TASK PROMPT
Scan the records for the string "CompositionType" and copy every line that holds it.

(MATERIAL FOR THIS TASK)

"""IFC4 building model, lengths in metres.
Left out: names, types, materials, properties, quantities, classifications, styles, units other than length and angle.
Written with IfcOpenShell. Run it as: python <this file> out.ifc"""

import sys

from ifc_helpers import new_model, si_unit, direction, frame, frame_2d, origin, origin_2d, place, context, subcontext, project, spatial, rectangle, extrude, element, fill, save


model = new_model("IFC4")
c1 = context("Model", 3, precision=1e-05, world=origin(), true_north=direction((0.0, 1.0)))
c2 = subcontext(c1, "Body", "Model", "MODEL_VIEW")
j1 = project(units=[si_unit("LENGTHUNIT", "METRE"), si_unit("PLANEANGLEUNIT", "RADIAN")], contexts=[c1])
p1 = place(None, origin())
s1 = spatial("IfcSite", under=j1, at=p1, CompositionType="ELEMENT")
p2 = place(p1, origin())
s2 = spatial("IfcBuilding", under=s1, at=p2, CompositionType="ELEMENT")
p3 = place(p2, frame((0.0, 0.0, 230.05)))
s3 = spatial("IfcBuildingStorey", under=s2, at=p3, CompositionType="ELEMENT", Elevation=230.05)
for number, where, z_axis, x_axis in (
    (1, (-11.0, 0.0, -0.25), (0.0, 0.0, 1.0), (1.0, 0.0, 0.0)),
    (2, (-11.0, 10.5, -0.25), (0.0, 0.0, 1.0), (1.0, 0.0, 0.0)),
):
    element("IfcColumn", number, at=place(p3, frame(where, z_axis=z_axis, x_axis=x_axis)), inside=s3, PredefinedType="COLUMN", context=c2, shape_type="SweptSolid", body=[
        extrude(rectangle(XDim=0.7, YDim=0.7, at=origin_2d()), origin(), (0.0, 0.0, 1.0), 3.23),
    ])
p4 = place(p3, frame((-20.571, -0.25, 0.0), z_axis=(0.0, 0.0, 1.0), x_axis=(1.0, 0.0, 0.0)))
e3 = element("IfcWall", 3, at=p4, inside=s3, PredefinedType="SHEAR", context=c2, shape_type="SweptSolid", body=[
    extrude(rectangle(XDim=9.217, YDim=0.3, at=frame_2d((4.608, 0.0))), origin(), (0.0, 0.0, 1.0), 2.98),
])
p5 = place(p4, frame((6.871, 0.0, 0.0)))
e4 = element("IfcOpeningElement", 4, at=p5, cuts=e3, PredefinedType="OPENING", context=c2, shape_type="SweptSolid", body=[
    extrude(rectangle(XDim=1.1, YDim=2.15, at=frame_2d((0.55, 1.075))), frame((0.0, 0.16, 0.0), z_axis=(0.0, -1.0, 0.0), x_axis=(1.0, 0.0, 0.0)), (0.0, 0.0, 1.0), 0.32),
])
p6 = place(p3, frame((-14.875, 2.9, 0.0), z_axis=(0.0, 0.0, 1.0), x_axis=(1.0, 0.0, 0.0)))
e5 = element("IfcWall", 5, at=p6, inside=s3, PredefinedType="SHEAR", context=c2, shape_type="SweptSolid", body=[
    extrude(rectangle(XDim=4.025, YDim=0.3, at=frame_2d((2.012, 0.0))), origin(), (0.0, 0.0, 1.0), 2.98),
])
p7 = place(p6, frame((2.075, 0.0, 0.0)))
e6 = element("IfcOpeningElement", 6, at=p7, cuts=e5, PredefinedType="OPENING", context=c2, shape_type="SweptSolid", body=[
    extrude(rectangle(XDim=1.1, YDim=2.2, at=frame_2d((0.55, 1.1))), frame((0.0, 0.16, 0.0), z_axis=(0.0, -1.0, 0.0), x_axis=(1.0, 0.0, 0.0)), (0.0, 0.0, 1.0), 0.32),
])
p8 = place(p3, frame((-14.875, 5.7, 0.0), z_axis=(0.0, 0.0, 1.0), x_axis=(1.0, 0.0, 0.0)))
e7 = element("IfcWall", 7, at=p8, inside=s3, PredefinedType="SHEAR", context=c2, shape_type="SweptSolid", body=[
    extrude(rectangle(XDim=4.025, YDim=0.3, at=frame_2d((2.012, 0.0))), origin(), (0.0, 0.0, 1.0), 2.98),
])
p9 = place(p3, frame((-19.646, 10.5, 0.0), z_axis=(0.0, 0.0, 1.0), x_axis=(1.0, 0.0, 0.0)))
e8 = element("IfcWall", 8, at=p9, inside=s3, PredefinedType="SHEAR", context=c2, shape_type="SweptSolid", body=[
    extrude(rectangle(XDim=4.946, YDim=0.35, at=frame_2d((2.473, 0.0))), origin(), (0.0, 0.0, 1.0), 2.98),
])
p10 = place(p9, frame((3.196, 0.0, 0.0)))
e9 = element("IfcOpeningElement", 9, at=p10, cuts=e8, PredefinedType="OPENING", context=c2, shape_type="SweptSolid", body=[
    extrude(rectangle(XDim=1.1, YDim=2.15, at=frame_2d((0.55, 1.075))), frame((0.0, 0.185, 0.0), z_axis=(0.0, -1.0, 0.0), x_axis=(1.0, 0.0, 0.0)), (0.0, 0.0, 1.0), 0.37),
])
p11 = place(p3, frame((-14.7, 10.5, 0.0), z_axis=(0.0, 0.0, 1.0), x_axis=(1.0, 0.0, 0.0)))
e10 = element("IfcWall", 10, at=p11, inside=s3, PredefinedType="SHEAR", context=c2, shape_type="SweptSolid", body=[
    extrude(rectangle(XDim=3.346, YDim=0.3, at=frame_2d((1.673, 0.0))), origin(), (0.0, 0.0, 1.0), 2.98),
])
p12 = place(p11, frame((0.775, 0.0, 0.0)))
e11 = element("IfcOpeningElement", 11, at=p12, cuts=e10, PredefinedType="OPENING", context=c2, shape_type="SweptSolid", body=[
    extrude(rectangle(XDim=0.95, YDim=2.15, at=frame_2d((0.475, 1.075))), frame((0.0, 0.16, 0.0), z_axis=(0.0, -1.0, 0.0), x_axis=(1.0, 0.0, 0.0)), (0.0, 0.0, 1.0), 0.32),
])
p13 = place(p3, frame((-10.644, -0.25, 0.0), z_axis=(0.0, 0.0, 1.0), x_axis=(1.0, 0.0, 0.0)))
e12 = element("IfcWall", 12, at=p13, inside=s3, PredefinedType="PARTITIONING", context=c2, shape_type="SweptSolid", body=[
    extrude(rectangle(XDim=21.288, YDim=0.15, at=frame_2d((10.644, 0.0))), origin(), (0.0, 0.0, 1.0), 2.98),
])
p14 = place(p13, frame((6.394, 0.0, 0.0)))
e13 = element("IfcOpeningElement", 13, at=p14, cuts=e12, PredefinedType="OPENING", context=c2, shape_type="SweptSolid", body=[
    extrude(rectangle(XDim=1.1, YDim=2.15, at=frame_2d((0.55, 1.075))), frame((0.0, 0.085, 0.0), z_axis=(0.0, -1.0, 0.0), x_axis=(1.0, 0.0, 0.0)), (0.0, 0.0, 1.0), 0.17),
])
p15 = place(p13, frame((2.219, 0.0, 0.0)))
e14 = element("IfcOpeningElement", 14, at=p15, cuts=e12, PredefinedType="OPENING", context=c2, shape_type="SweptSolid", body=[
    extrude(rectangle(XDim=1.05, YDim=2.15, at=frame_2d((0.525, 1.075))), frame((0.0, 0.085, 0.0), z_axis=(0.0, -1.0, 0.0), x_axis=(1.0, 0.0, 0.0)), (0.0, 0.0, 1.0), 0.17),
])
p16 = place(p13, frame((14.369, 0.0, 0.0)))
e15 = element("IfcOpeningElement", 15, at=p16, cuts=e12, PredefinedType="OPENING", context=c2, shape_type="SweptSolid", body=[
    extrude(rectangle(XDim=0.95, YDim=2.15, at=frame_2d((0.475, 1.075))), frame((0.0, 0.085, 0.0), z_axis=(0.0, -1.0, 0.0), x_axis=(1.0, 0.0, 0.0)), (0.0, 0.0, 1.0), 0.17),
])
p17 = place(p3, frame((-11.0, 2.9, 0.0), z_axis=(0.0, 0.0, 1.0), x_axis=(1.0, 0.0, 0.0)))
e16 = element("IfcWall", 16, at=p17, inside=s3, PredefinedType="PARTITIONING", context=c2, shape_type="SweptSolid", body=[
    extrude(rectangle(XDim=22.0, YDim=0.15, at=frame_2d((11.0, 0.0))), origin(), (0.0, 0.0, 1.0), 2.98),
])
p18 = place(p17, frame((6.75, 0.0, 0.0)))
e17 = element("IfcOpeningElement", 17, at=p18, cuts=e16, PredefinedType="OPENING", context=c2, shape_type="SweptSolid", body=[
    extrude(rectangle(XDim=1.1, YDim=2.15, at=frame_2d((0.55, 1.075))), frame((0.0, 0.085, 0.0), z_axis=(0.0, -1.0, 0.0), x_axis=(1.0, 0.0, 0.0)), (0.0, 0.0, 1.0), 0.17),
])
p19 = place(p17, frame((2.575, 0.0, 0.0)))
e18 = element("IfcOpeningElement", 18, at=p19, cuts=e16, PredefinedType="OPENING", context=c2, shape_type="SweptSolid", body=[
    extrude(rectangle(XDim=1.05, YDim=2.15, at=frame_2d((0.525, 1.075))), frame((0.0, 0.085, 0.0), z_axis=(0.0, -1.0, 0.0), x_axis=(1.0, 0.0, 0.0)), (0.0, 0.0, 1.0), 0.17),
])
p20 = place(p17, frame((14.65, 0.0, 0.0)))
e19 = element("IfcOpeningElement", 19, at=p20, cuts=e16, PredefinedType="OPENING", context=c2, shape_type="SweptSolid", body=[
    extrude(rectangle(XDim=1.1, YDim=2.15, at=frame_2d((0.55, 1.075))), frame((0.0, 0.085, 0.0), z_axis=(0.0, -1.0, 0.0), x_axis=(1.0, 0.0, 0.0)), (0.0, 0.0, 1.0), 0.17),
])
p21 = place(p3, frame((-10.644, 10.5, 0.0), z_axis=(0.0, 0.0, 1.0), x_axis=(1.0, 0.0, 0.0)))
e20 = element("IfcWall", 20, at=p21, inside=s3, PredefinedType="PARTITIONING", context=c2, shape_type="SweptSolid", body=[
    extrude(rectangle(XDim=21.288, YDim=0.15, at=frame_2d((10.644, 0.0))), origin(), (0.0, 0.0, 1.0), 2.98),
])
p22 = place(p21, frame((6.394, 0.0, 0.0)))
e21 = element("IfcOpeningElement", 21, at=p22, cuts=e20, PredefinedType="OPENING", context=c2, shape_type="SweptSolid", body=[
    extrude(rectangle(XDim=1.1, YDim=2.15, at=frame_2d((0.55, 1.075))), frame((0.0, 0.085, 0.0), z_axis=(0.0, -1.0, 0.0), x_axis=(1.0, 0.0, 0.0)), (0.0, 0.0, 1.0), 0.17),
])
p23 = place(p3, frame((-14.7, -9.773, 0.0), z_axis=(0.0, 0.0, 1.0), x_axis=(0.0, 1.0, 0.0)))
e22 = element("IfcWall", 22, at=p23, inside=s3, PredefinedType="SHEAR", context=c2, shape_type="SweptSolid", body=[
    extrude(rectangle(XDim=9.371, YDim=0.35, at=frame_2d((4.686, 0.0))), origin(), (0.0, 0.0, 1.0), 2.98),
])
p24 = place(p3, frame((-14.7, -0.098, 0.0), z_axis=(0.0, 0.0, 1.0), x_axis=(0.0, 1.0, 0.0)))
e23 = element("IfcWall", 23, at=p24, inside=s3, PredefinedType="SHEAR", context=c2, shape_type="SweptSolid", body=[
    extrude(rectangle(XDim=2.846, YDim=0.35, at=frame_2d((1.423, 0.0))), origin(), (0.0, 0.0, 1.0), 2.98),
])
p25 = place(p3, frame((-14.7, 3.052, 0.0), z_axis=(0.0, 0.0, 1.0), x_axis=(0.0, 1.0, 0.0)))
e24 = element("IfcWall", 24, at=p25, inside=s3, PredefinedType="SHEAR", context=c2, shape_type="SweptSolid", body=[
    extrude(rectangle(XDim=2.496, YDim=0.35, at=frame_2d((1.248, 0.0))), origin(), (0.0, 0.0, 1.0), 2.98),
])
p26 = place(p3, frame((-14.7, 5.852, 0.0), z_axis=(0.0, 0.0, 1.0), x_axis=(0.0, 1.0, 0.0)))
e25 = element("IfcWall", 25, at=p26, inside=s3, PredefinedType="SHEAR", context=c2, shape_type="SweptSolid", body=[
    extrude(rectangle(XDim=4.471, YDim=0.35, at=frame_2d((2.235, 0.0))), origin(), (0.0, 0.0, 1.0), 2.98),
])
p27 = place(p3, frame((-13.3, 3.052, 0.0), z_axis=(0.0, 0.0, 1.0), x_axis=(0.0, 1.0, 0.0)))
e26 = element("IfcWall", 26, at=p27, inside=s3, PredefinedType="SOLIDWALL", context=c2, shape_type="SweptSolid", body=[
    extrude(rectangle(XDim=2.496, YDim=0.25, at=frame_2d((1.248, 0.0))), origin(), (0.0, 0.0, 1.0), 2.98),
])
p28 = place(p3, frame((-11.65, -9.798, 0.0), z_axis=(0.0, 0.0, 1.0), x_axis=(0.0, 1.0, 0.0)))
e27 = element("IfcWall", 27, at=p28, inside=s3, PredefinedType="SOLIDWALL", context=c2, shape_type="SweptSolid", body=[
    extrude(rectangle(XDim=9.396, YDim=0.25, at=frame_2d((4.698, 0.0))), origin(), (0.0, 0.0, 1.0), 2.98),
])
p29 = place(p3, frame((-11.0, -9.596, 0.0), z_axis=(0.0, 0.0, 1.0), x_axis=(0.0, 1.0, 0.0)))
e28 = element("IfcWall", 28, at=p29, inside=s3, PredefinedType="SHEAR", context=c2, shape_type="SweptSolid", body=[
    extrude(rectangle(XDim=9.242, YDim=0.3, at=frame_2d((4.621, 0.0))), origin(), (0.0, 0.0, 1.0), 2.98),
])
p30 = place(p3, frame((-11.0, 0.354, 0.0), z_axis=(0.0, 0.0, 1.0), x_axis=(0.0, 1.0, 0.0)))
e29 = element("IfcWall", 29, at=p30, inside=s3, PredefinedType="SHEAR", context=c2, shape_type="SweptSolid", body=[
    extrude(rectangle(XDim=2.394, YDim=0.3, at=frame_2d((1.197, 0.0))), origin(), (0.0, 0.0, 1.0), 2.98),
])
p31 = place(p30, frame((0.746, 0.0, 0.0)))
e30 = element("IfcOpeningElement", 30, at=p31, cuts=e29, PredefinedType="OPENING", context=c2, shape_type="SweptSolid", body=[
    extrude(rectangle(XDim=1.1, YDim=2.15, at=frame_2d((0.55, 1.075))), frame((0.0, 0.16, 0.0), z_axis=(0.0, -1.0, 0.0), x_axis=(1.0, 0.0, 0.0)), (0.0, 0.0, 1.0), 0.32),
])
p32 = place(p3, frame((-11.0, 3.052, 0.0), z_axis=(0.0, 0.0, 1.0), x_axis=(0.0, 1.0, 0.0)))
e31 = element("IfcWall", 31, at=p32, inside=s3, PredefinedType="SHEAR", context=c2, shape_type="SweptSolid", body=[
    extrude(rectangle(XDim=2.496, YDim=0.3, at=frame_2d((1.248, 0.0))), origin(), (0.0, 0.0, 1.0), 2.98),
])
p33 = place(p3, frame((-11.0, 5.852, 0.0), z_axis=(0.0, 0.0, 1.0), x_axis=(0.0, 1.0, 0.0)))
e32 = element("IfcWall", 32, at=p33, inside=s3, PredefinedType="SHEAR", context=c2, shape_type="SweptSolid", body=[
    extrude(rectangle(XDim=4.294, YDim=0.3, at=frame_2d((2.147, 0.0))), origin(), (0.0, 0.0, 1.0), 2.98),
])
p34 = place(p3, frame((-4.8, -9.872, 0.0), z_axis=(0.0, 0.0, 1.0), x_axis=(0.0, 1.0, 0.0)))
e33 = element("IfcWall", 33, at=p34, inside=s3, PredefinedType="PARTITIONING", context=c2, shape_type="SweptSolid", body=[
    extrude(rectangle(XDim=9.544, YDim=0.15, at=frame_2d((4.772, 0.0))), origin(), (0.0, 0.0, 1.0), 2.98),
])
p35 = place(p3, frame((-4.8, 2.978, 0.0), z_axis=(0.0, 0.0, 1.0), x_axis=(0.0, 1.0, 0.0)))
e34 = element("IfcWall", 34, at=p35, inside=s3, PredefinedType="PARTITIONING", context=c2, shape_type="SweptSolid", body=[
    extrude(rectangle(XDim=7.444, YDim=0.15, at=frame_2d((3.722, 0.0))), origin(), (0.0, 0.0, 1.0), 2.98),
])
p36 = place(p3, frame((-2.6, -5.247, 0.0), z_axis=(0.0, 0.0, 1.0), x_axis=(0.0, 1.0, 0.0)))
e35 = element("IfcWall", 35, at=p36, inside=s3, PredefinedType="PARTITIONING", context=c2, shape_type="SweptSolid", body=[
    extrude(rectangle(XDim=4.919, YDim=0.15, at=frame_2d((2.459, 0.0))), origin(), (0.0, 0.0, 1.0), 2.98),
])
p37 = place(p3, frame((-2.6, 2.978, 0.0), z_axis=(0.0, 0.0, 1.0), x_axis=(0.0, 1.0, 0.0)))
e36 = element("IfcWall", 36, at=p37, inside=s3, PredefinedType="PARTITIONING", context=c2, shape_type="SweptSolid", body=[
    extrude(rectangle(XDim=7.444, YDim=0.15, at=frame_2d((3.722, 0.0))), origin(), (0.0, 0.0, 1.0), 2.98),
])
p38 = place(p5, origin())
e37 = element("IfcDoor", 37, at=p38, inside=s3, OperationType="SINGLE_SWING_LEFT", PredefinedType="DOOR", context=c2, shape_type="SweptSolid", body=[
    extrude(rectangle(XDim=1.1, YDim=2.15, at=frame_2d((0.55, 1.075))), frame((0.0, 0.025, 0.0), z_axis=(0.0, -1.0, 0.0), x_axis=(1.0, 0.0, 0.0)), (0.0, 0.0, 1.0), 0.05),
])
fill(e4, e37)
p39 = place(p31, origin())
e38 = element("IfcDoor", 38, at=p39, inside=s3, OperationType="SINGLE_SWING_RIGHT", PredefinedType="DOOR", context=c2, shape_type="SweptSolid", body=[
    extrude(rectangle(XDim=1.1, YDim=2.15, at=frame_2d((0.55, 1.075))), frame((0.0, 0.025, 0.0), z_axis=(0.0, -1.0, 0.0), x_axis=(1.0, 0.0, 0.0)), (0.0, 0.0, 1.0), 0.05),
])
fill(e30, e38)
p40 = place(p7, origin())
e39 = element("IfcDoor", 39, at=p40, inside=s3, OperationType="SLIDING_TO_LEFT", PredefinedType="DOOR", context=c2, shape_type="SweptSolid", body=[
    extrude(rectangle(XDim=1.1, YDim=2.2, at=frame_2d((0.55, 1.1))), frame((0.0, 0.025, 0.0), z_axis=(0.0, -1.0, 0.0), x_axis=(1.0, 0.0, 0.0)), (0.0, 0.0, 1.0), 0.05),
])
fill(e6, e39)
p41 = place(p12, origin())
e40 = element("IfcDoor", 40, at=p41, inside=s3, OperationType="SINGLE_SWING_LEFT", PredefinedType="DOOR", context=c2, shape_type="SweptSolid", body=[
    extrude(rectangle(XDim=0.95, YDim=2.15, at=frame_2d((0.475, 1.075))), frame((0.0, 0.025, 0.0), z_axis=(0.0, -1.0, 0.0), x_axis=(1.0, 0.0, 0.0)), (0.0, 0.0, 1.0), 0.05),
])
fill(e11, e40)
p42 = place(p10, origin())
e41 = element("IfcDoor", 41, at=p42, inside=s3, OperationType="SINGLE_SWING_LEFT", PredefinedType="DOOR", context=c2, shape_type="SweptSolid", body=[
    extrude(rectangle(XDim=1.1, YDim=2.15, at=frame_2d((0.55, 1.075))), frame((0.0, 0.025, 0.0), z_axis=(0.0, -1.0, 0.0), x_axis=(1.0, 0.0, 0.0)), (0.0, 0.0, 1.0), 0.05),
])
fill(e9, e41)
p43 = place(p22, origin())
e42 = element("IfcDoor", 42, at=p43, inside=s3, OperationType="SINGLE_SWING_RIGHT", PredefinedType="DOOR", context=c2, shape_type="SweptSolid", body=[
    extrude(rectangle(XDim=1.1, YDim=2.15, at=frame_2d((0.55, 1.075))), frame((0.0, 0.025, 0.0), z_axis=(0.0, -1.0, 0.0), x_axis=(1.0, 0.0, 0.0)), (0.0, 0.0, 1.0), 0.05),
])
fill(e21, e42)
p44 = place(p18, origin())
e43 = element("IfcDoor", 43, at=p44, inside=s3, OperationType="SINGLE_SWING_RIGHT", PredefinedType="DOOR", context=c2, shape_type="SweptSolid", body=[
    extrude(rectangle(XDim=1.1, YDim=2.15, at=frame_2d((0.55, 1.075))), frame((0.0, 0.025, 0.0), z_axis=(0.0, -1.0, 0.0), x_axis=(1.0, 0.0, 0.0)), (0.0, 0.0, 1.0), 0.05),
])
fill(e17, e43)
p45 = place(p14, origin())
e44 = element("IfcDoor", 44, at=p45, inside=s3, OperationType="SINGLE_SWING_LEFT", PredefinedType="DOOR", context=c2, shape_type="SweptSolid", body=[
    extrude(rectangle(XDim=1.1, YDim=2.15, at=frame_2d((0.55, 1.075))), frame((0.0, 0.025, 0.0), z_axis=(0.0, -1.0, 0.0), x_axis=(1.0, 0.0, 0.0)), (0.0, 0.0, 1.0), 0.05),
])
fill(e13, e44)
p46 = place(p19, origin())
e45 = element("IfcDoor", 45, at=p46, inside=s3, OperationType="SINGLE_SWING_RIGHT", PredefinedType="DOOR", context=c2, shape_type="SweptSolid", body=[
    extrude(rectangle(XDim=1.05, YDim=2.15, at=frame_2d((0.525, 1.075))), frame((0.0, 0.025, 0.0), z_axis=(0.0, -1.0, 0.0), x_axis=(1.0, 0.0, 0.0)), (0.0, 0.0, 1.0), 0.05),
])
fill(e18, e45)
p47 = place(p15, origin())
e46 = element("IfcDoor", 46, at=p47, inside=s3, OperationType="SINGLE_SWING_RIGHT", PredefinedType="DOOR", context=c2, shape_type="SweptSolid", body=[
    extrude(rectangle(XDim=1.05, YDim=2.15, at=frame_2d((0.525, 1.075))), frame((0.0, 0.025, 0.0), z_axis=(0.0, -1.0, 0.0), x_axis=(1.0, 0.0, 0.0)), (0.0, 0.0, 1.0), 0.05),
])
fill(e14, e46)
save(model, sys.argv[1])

(End MATERIAL FOR THIS TASK)

ANSWER TO THIS TASK
s1 = spatial("IfcSite", under=j1, at=p1, CompositionType="ELEMENT")
s2 = spatial("IfcBuilding", under=s1, at=p2, CompositionType="ELEMENT")
s3 = spatial("IfcBuildingStorey", under=s2, at=p3, CompositionType="ELEMENT", Elevation=230.05)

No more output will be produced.